_WHAT YOU WILL DO_
Reproduce the listing in its entirety. Do not reproduce the pictures.

----------------

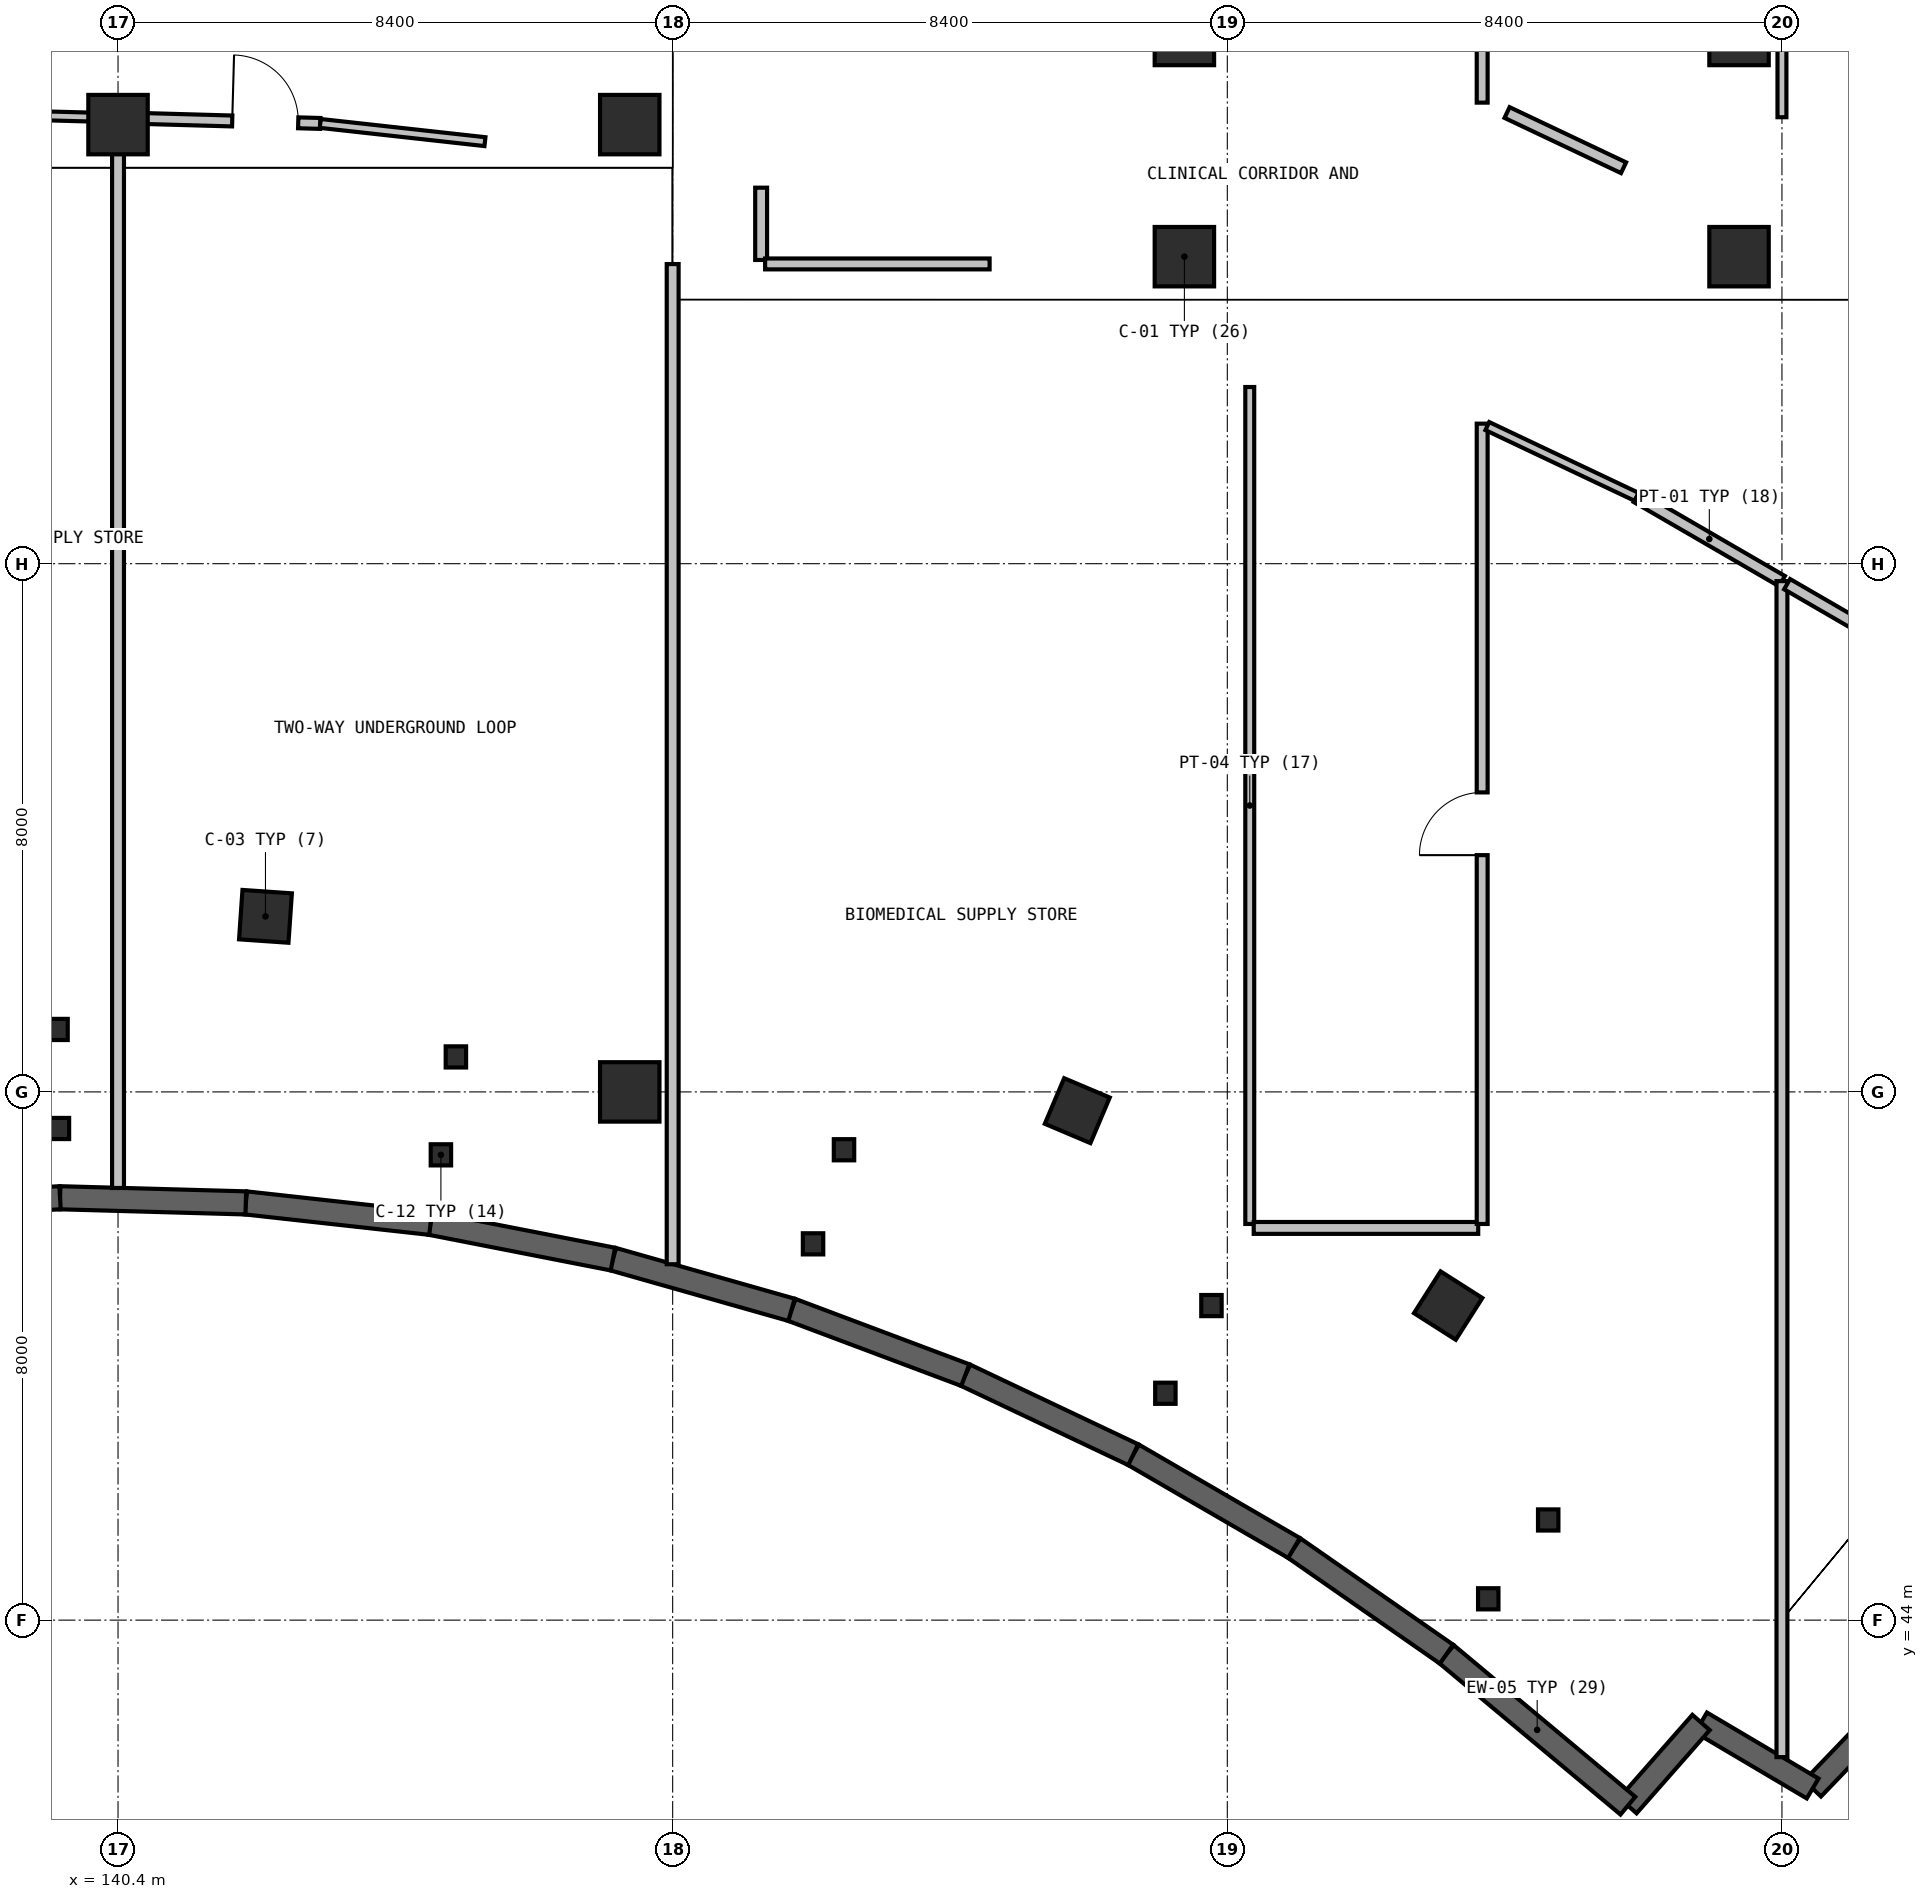
"""IFC4 building model, lengths in metres.
Left out: names, types, materials, properties, quantities, classifications, styles, units other than length and angle.
Written with IfcOpenShell. Run it as: python <this file> out.ifc"""

import sys

from ifc_helpers import new_model, si_unit, direction, frame, frame_2d, origin, origin_2d, place, context, subcontext, project, spatial, rectangle, i_section, extrude, element, fill, save


model = new_model("IFC4")
c1 = context("Model", 3, precision=1e-05, world=origin(), true_north=direction((0.0, 1.0)))
c2 = subcontext(c1, "Body", "Model", "MODEL_VIEW")
j1 = project(units=[si_unit("LENGTHUNIT", "METRE"), si_unit("PLANEANGLEUNIT", "RADIAN")], contexts=[c1])
p1 = place(None, origin())
s1 = spatial("IfcSite", under=j1, at=p1, CompositionType="ELEMENT")
p2 = place(p1, origin())
s2 = spatial("IfcBuilding", under=s1, at=p2, CompositionType="ELEMENT")
p3 = place(p2, frame((0.0, 0.0, -4.8)))
s3 = spatial("IfcBuildingStorey", under=s2, at=p3, CompositionType="ELEMENT", Elevation=-4.8)
for number, where, z_axis, x_axis in (
    (1, (139.484, 52.946, 0.0), (0.0, 0.0, 1.0), (1.0, 0.0, 0.0)),
    (2, (139.505, 51.446, 0.0), (0.0, 0.0, 1.0), (1.0, 0.0, 0.0)),
    (3, (145.517, 52.53, 0.0), (0.0, 0.0, 1.0), (1.0, 0.0, 0.0)),
    (4, (145.29, 51.047, 0.0), (0.0, 0.0, 1.0), (1.0, 0.0, 0.0)),
    (5, (151.395, 51.124, 0.0), (0.0, 0.0, 1.0), (1.0, 0.0, 0.0)),
    (6, (150.926, 49.699, 0.0), (0.0, 0.0, 1.0), (1.0, 0.0, 0.0)),
    (7, (156.96, 48.764, 0.0), (0.0, 0.0, 1.0), (1.0, 0.0, 0.0)),
    (8, (156.262, 47.436, 0.0), (0.0, 0.0, 1.0), (1.0, 0.0, 0.0)),
    (9, (162.06, 45.517, 0.0), (0.0, 0.0, 1.0), (1.0, 0.0, 0.0)),
    (10, (161.152, 44.323, 0.0), (0.0, 0.0, 1.0), (1.0, 0.0, 0.0)),
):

----------------

_TASK ANSWER_
"""IFC4 building model, lengths in metres.
Left out: names, types, materials, properties, quantities, classifications, styles, units other than length and angle.
Written with IfcOpenShell. Run it as: python <this file> out.ifc"""

import sys

from ifc_helpers import new_model, si_unit, direction, frame, frame_2d, origin, origin_2d, place, context, subcontext, project, spatial, rectangle, i_section, extrude, element, fill, save


model = new_model("IFC4")
c1 = context("Model", 3, precision=1e-05, world=origin(), true_north=direction((0.0, 1.0)))
c2 = subcontext(c1, "Body", "Model", "MODEL_VIEW")
j1 = project(units=[si_unit("LENGTHUNIT", "METRE"), si_unit("PLANEANGLEUNIT", "RADIAN")], contexts=[c1])
p1 = place(None, origin())
s1 = spatial("IfcSite", under=j1, at=p1, CompositionType="ELEMENT")
p2 = place(p1, origin())
s2 = spatial("IfcBuilding", under=s1, at=p2, CompositionType="ELEMENT")
p3 = place(p2, frame((0.0, 0.0, -4.8)))
s3 = spatial("IfcBuildingStorey", under=s2, at=p3, CompositionType="ELEMENT", Elevation=-4.8)
for number, where, z_axis, x_axis in (
    (1, (139.484, 52.946, 0.0), (0.0, 0.0, 1.0), (1.0, 0.0, 0.0)),
    (2, (139.505, 51.446, 0.0), (0.0, 0.0, 1.0), (1.0, 0.0, 0.0)),
    (3, (145.517, 52.53, 0.0), (0.0, 0.0, 1.0), (1.0, 0.0, 0.0)),
    (4, (145.29, 51.047, 0.0), (0.0, 0.0, 1.0), (1.0, 0.0, 0.0)),
    (5, (151.395, 51.124, 0.0), (0.0, 0.0, 1.0), (1.0, 0.0, 0.0)),
    (6, (150.926, 49.699, 0.0), (0.0, 0.0, 1.0), (1.0, 0.0, 0.0)),
    (7, (156.96, 48.764, 0.0), (0.0, 0.0, 1.0), (1.0, 0.0, 0.0)),
    (8, (156.262, 47.436, 0.0), (0.0, 0.0, 1.0), (1.0, 0.0, 0.0)),
    (9, (162.06, 45.517, 0.0), (0.0, 0.0, 1.0), (1.0, 0.0, 0.0)),
    (10, (161.152, 44.323, 0.0), (0.0, 0.0, 1.0), (1.0, 0.0, 0.0)),
):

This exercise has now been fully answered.